Records from a dataset
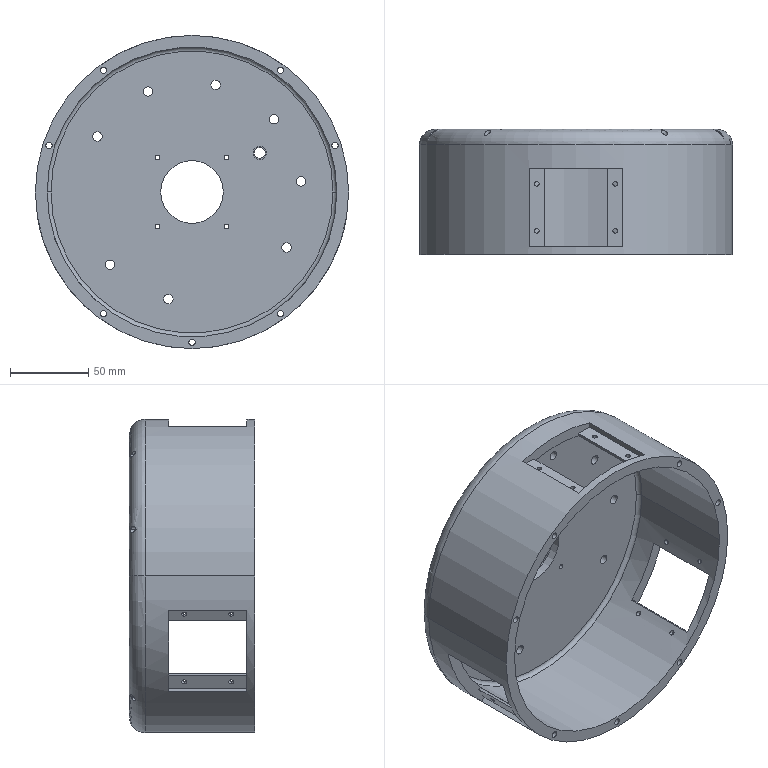Component | SolidWorks | UpperHousing-1 | 1 solid | 106 faces | box 200 x 80 x 200 mm | volume 473499 mm3 | cylinder 72 | plane 28 | torus 6 | commonest cylinder face diameters 3 x32 6 x16 4 x14 8.5 x2 40 x2 185 x2 200 x2 7 x2
build123d program:
from build123d import *

# Parameters (mm, degrees)
SKETCH2_R               = 100
BOSS_EXTRUDE1_DEPTH     = 80
FILLET1_R               = 10
SHELL1_T                = -7.5
CUT_EXTRUDE1_2_REACH    = 164.481
SKETCH3_R               = 2
SKETCH5_W               = 50
SKETCH5_H               = 18.217
CUT_EXTRUDE3_DEPTH      = 20
CIRPATTERN1_COUNT       = 3
SKETCH8_W               = 60
SKETCH8_H               = 50
CUT_EXTRUDE4_DEPTH      = 8
CIRPATTERN2_COUNT       = 3
CUT_EXTRUDE5_REACH      = 232.79
CUT_EXTRUDE5_END_RADIUS = 92.5
SKETCH9_R               = 1.5
CIRPATTERN3_COUNT       = 3
CUT_EXTRUDE6_REACH      = 164.481
SKETCH10_R              = 20
FILLET2_R               = 2
CUT_EXTRUDE7_REACH      = 164.481
SKETCH12_R              = 1.5
CUT_EXTRUDE9_REACH      = 164.481
SKETCH13_R              = 3
CUT_EXTRUDE10_REACH     = 164.481
SKETCH14_R              = 3.5
SKETCH1_R               = 4.25
CUT_EXTRUDE1_DEPTH      = 2.6


with BuildPart() as part:
    # Sketch2 → Boss-Extrude1 (new body)
    with BuildSketch(Plane.XY):
        Circle(SKETCH2_R)
    extrude(amount=BOSS_EXTRUDE1_DEPTH)

    # Fillet1
    fillet1_edges = [part.edges().sort_by_distance(p)[0] for p in [
        (-100, 0, 80),
    ]]
    fillet(fillet1_edges, radius=FILLET1_R)

    # Shell1
    shell1_openings = [part.faces().sort_by_distance(p)[0] for p in [
        (0, 0, 0),
    ]]
    offset(amount=SHELL1_T, openings=shell1_openings, kind=Kind.INTERSECTION)

    # Sketch3 → Cut-Extrude1_2 (cut, up to next)
    with BuildSketch(Plane(origin=(0, 0, 0), x_dir=(-1, 0, 0), z_dir=(0, 0, -1)), mode=Mode.PRIVATE) as cut_extrude1_2_sk1:
        with Locations((0, 96)):
            Circle(SKETCH3_R)
    cut_extrude1_2_tool1 = extrude(cut_extrude1_2_sk1.sketch, amount=-CUT_EXTRUDE1_2_REACH, mode=Mode.PRIVATE) & part.part
    # Sketch3 → Cut-Extrude1_2 (cut, up to next)
    with BuildSketch(Plane(origin=(0, 0, 0), x_dir=(-1, 0, 0), z_dir=(0, 0, -1)), mode=Mode.PRIVATE) as cut_extrude1_2_sk2:
        with Locations((56.427, 77.666)):
            Circle(SKETCH3_R)
    cut_extrude1_2_tool2 = extrude(cut_extrude1_2_sk2.sketch, amount=-CUT_EXTRUDE1_2_REACH, mode=Mode.PRIVATE) & part.part
    # Sketch3 → Cut-Extrude1_2 (cut, up to next)
    with BuildSketch(Plane(origin=(0, 0, 0), x_dir=(-1, 0, 0), z_dir=(0, 0, -1)), mode=Mode.PRIVATE) as cut_extrude1_2_sk3:
        with Locations((91.301, -29.666)):
            Circle(SKETCH3_R)
    cut_extrude1_2_tool3 = extrude(cut_extrude1_2_sk3.sketch, amount=-CUT_EXTRUDE1_2_REACH, mode=Mode.PRIVATE) & part.part
    # Sketch3 → Cut-Extrude1_2 (cut, up to next)
    with BuildSketch(Plane(origin=(0, 0, 0), x_dir=(-1, 0, 0), z_dir=(0, 0, -1)), mode=Mode.PRIVATE) as cut_extrude1_2_sk4:
        with Locations((56.427, -77.666)):
            Circle(SKETCH3_R)
    cut_extrude1_2_tool4 = extrude(cut_extrude1_2_sk4.sketch, amount=-CUT_EXTRUDE1_2_REACH, mode=Mode.PRIVATE) & part.part
    # Sketch3 → Cut-Extrude1_2 (cut, up to next)
    with BuildSketch(Plane(origin=(0, 0, 0), x_dir=(-1, 0, 0), z_dir=(0, 0, -1)), mode=Mode.PRIVATE) as cut_extrude1_2_sk5:
        with Locations((-56.427, -77.666)):
            Circle(SKETCH3_R)
    cut_extrude1_2_tool5 = extrude(cut_extrude1_2_sk5.sketch, amount=-CUT_EXTRUDE1_2_REACH, mode=Mode.PRIVATE) & part.part
    # Sketch3 → Cut-Extrude1_2 (cut, up to next)
    with BuildSketch(Plane(origin=(0, 0, 0), x_dir=(-1, 0, 0), z_dir=(0, 0, -1)), mode=Mode.PRIVATE) as cut_extrude1_2_sk6:
        with Locations((-91.301, -29.666)):
            Circle(SKETCH3_R)
    cut_extrude1_2_tool6 = extrude(cut_extrude1_2_sk6.sketch, amount=-CUT_EXTRUDE1_2_REACH, mode=Mode.PRIVATE) & part.part
    # Sketch3 → Cut-Extrude1_2 (cut, up to next)
    with BuildSketch(Plane(origin=(0, 0, 0), x_dir=(-1, 0, 0), z_dir=(0, 0, -1)), mode=Mode.PRIVATE) as cut_extrude1_2_sk7:
        with Locations((-56.427, 77.666)):
            Circle(SKETCH3_R)
    cut_extrude1_2_tool7 = extrude(cut_extrude1_2_sk7.sketch, amount=-CUT_EXTRUDE1_2_REACH, mode=Mode.PRIVATE) & part.part
    add(cut_extrude1_2_tool1.solids().sort_by_distance((0, 96, 0))[0], mode=Mode.SUBTRACT)
    add(cut_extrude1_2_tool2.solids().sort_by_distance((-56.427, 77.666, 0))[0], mode=Mode.SUBTRACT)
    add(cut_extrude1_2_tool3.solids().sort_by_distance((-91.301, -29.666, 0))[0], mode=Mode.SUBTRACT)
    add(cut_extrude1_2_tool4.solids().sort_by_distance((-56.427, -77.666, 0))[0], mode=Mode.SUBTRACT)
    add(cut_extrude1_2_tool5.solids().sort_by_distance((56.427, -77.666, 0))[0], mode=Mode.SUBTRACT)
    add(cut_extrude1_2_tool6.solids().sort_by_distance((91.301, -29.666, 0))[0], mode=Mode.SUBTRACT)
    add(cut_extrude1_2_tool7.solids().sort_by_distance((56.427, 77.666, 0))[0], mode=Mode.SUBTRACT)

    # Sketch5 → Cut-Extrude3 (cut, symmetric)
    with BuildSketch(Plane(origin=(0, 0, 0), x_dir=(0, 0, -1), z_dir=(1, 0, 0))):
        with Locations((-30, -96.918)):
            Rectangle(SKETCH5_W, SKETCH5_H)
    cut_extrude3 = extrude(amount=CUT_EXTRUDE3_DEPTH, both=True, mode=Mode.SUBTRACT)

    # CirPattern1: Cut-Extrude3 ×3 about axis
    cirpattern1_axis = Axis((0, 0, 0), (0, 0, 1))
    for i in range(1, CIRPATTERN1_COUNT):
        add(cut_extrude3.rotate(cirpattern1_axis, i * 360 / CIRPATTERN1_COUNT), mode=Mode.SUBTRACT)

    # Sketch8 → Cut-Extrude4 (cut)
    with BuildSketch(Plane(origin=(0, -100, 0), x_dir=(1, 0, 0), z_dir=(0, 1, 0))):
        with Locations((0, -30)):
            Rectangle(SKETCH8_W, SKETCH8_H)
    cut_extrude4 = extrude(amount=CUT_EXTRUDE4_DEPTH, mode=Mode.SUBTRACT)

    # CirPattern2: Cut-Extrude4 ×3 about axis
    cirpattern2_axis = Axis((0, 0, 0), (0, 0, 1))
    for i in range(1, CIRPATTERN2_COUNT):
        add(cut_extrude4.rotate(cirpattern2_axis, i * 360 / CIRPATTERN2_COUNT), mode=Mode.SUBTRACT)

    # Cut-Extrude5: up to this cylinder (the profile starts outside it)
    cut_extrude5_end = Plane(origin=(0, 0, 30), z_dir=(0, 0, -1)) * Cylinder(CUT_EXTRUDE5_END_RADIUS, 681.58, mode=Mode.PRIVATE)
    # Sketch9 → Cut-Extrude5 (cut, up to the surface)
    with BuildSketch(Plane.XZ.offset(92), mode=Mode.PRIVATE) as cut_extrude5_sk1:
        with Locations(Location((-25, 45, 0), (0, 0, 270))):
            Circle(SKETCH9_R)
    cut_extrude5_tool1 = extrude(cut_extrude5_sk1.sketch, amount=-CUT_EXTRUDE5_REACH, mode=Mode.PRIVATE) - cut_extrude5_end
    # Sketch9 → Cut-Extrude5 (cut, up to the surface)
    with BuildSketch(Plane.XZ.offset(92), mode=Mode.PRIVATE) as cut_extrude5_sk2:
        with Locations(Location((25, 45, 0), (0, 0, 270))):
            Circle(SKETCH9_R)
    cut_extrude5_tool2 = extrude(cut_extrude5_sk2.sketch, amount=-CUT_EXTRUDE5_REACH, mode=Mode.PRIVATE) - cut_extrude5_end
    # Sketch9 → Cut-Extrude5 (cut, up to the surface)
    with BuildSketch(Plane.XZ.offset(92), mode=Mode.PRIVATE) as cut_extrude5_sk3:
        with Locations(Location((25, 15, 0), (0, 0, 270))):
            Circle(SKETCH9_R)
    cut_extrude5_tool3 = extrude(cut_extrude5_sk3.sketch, amount=-CUT_EXTRUDE5_REACH, mode=Mode.PRIVATE) - cut_extrude5_end
    # Sketch9 → Cut-Extrude5 (cut, up to the surface)
    with BuildSketch(Plane.XZ.offset(92), mode=Mode.PRIVATE) as cut_extrude5_sk4:
        with Locations(Location((-25, 15, 0), (0, 0, 270))):
            Circle(SKETCH9_R)
    cut_extrude5_tool4 = extrude(cut_extrude5_sk4.sketch, amount=-CUT_EXTRUDE5_REACH, mode=Mode.PRIVATE) - cut_extrude5_end
    cut_extrude5 = cut_extrude5_tool1.solids().sort_by_distance((-25, -92, 45))[0] + cut_extrude5_tool2.solids().sort_by_distance((25, -92, 45))[0] + cut_extrude5_tool3.solids().sort_by_distance((25, -92, 15))[0] + cut_extrude5_tool4.solids().sort_by_distance((-25, -92, 15))[0]
    add(cut_extrude5, mode=Mode.SUBTRACT)

    # CirPattern3: Cut-Extrude5 ×3 about axis
    cirpattern3_axis = Axis((0, 0, 80), (0, 0, -1))
    for i in range(1, CIRPATTERN3_COUNT):
        add(cut_extrude5.rotate(cirpattern3_axis, i * 360 / CIRPATTERN3_COUNT), mode=Mode.SUBTRACT)

    # Sketch10 → Cut-Extrude6 (cut, up to next)
    with BuildSketch(Plane.XY.offset(80), mode=Mode.PRIVATE) as cut_extrude6_sk1:
        Circle(SKETCH10_R)
    cut_extrude6_tool1 = extrude(cut_extrude6_sk1.sketch, amount=-CUT_EXTRUDE6_REACH, mode=Mode.PRIVATE) & part.part
    add(cut_extrude6_tool1.solids().sort_by_distance((0, 0, 80))[0], mode=Mode.SUBTRACT)

    # Fillet2
    fillet2_edges = [part.edges().sort_by_distance(p)[0] for p in [
        (-20, 0, 80),
    ]]
    fillet(fillet2_edges, radius=FILLET2_R)

    # Sketch12 → Cut-Extrude7 (cut, up to next)
    with BuildSketch(Plane.XY.offset(80), mode=Mode.PRIVATE) as cut_extrude7_sk1:
        with Locations((-22, 22)):
            Circle(SKETCH12_R)
    cut_extrude7_tool1 = extrude(cut_extrude7_sk1.sketch, amount=-CUT_EXTRUDE7_REACH, mode=Mode.PRIVATE) & part.part
    # Sketch12 → Cut-Extrude7 (cut, up to next)
    with BuildSketch(Plane.XY.offset(80), mode=Mode.PRIVATE) as cut_extrude7_sk2:
        with Locations((22, 22)):
            Circle(SKETCH12_R)
    cut_extrude7_tool2 = extrude(cut_extrude7_sk2.sketch, amount=-CUT_EXTRUDE7_REACH, mode=Mode.PRIVATE) & part.part
    # Sketch12 → Cut-Extrude7 (cut, up to next)
    with BuildSketch(Plane.XY.offset(80), mode=Mode.PRIVATE) as cut_extrude7_sk3:
        with Locations((22, -22)):
            Circle(SKETCH12_R)
    cut_extrude7_tool3 = extrude(cut_extrude7_sk3.sketch, amount=-CUT_EXTRUDE7_REACH, mode=Mode.PRIVATE) & part.part
    # Sketch12 → Cut-Extrude7 (cut, up to next)
    with BuildSketch(Plane.XY.offset(80), mode=Mode.PRIVATE) as cut_extrude7_sk4:
        with Locations((-22, -22)):
            Circle(SKETCH12_R)
    cut_extrude7_tool4 = extrude(cut_extrude7_sk4.sketch, amount=-CUT_EXTRUDE7_REACH, mode=Mode.PRIVATE) & part.part
    add(cut_extrude7_tool1.solids().sort_by_distance((-22, 22, 80))[0], mode=Mode.SUBTRACT)
    add(cut_extrude7_tool2.solids().sort_by_distance((22, 22, 80))[0], mode=Mode.SUBTRACT)
    add(cut_extrude7_tool3.solids().sort_by_distance((22, -22, 80))[0], mode=Mode.SUBTRACT)
    add(cut_extrude7_tool4.solids().sort_by_distance((-22, -22, 80))[0], mode=Mode.SUBTRACT)

    # Sketch13 → Cut-Extrude9 (cut, up to next)
    with BuildSketch(Plane.XY.offset(80), mode=Mode.PRIVATE) as cut_extrude9_sk1:
        with Locations((-28, -64.156)):
            Circle(SKETCH13_R)
    cut_extrude9_tool1 = extrude(cut_extrude9_sk1.sketch, amount=-CUT_EXTRUDE9_REACH, mode=Mode.PRIVATE) & part.part
    # Sketch13 → Cut-Extrude9 (cut, up to next)
    with BuildSketch(Plane.XY.offset(80), mode=Mode.PRIVATE) as cut_extrude9_sk2:
        with Locations((-60.362, -35.445)):
            Circle(SKETCH13_R)
    cut_extrude9_tool2 = extrude(cut_extrude9_sk2.sketch, amount=-CUT_EXTRUDE9_REACH, mode=Mode.PRIVATE) & part.part
    # Sketch13 → Cut-Extrude9 (cut, up to next)
    with BuildSketch(Plane.XY.offset(80), mode=Mode.PRIVATE) as cut_extrude9_sk3:
        with Locations((-52.364, 46.455)):
            Circle(SKETCH13_R)
    cut_extrude9_tool3 = extrude(cut_extrude9_sk3.sketch, amount=-CUT_EXTRUDE9_REACH, mode=Mode.PRIVATE) & part.part
    # Sketch13 → Cut-Extrude9 (cut, up to next)
    with BuildSketch(Plane.XY.offset(80), mode=Mode.PRIVATE) as cut_extrude9_sk4:
        with Locations((-15.058, 68.361)):
            Circle(SKETCH13_R)
    cut_extrude9_tool4 = extrude(cut_extrude9_sk4.sketch, amount=-CUT_EXTRUDE9_REACH, mode=Mode.PRIVATE) & part.part
    # Sketch13 → Cut-Extrude9 (cut, up to next)
    with BuildSketch(Plane.XY.offset(80), mode=Mode.PRIVATE) as cut_extrude9_sk5:
        with Locations((60.362, 35.445)):
            Circle(SKETCH13_R)
    cut_extrude9_tool5 = extrude(cut_extrude9_sk5.sketch, amount=-CUT_EXTRUDE9_REACH, mode=Mode.PRIVATE) & part.part
    # Sketch13 → Cut-Extrude9 (cut, up to next)
    with BuildSketch(Plane.XY.offset(80), mode=Mode.PRIVATE) as cut_extrude9_sk6:
        with Locations((69.669, -6.804)):
            Circle(SKETCH13_R)
    cut_extrude9_tool6 = extrude(cut_extrude9_sk6.sketch, amount=-CUT_EXTRUDE9_REACH, mode=Mode.PRIVATE) & part.part
    # Sketch13 → Cut-Extrude9 (cut, up to next)
    with BuildSketch(Plane.XY.offset(80), mode=Mode.PRIVATE) as cut_extrude9_sk7:
        with Locations((52.364, -46.455)):
            Circle(SKETCH13_R)
    cut_extrude9_tool7 = extrude(cut_extrude9_sk7.sketch, amount=-CUT_EXTRUDE9_REACH, mode=Mode.PRIVATE) & part.part
    # Sketch13 → Cut-Extrude9 (cut, up to next)
    with BuildSketch(Plane.XY.offset(80), mode=Mode.PRIVATE) as cut_extrude9_sk8:
        with Locations((15.058, -68.361)):
            Circle(SKETCH13_R)
    cut_extrude9_tool8 = extrude(cut_extrude9_sk8.sketch, amount=-CUT_EXTRUDE9_REACH, mode=Mode.PRIVATE) & part.part
    add(cut_extrude9_tool1.solids().sort_by_distance((-28, -64.156, 80))[0], mode=Mode.SUBTRACT)
    add(cut_extrude9_tool2.solids().sort_by_distance((-60.362, -35.445, 80))[0], mode=Mode.SUBTRACT)
    add(cut_extrude9_tool3.solids().sort_by_distance((-52.364, 46.455, 80))[0], mode=Mode.SUBTRACT)
    add(cut_extrude9_tool4.solids().sort_by_distance((-15.058, 68.361, 80))[0], mode=Mode.SUBTRACT)
    add(cut_extrude9_tool5.solids().sort_by_distance((60.362, 35.445, 80))[0], mode=Mode.SUBTRACT)
    add(cut_extrude9_tool6.solids().sort_by_distance((69.669, -6.804, 80))[0], mode=Mode.SUBTRACT)
    add(cut_extrude9_tool7.solids().sort_by_distance((52.364, -46.455, 80))[0], mode=Mode.SUBTRACT)
    add(cut_extrude9_tool8.solids().sort_by_distance((15.058, -68.361, 80))[0], mode=Mode.SUBTRACT)

    # Sketch14 → Cut-Extrude10 (cut, up to next)
    with BuildSketch(Plane.XY.offset(80), mode=Mode.PRIVATE) as cut_extrude10_sk1:
        with Locations((43.301, -25)):
            Circle(SKETCH14_R)
    cut_extrude10_tool1 = extrude(cut_extrude10_sk1.sketch, amount=-CUT_EXTRUDE10_REACH, mode=Mode.PRIVATE) & part.part
    add(cut_extrude10_tool1.solids().sort_by_distance((43.301, -25, 80))[0], mode=Mode.SUBTRACT)

    # Sketch1 → Cut-Extrude1 (cut)
    with BuildSketch(Plane(origin=(0, 0, 72.5), x_dir=(-1, 0, 0), z_dir=(0, 0, -1))):
        with Locations((-43.301, -25)):
            Circle(SKETCH1_R)
    extrude(amount=-CUT_EXTRUDE1_DEPTH, mode=Mode.SUBTRACT)


solid = part.part

# Placed as in the assembly
solid = solid.moved(Location((-5.981, 10.507, 160), (-90, 0, 0)))

▶ Task description
Which lines of the data contain the string "range"? Copy each one.

▶ Problem solution
    for i in range(1, CIRPATTERN1_COUNT):
    for i in range(1, CIRPATTERN2_COUNT):
    for i in range(1, CIRPATTERN3_COUNT):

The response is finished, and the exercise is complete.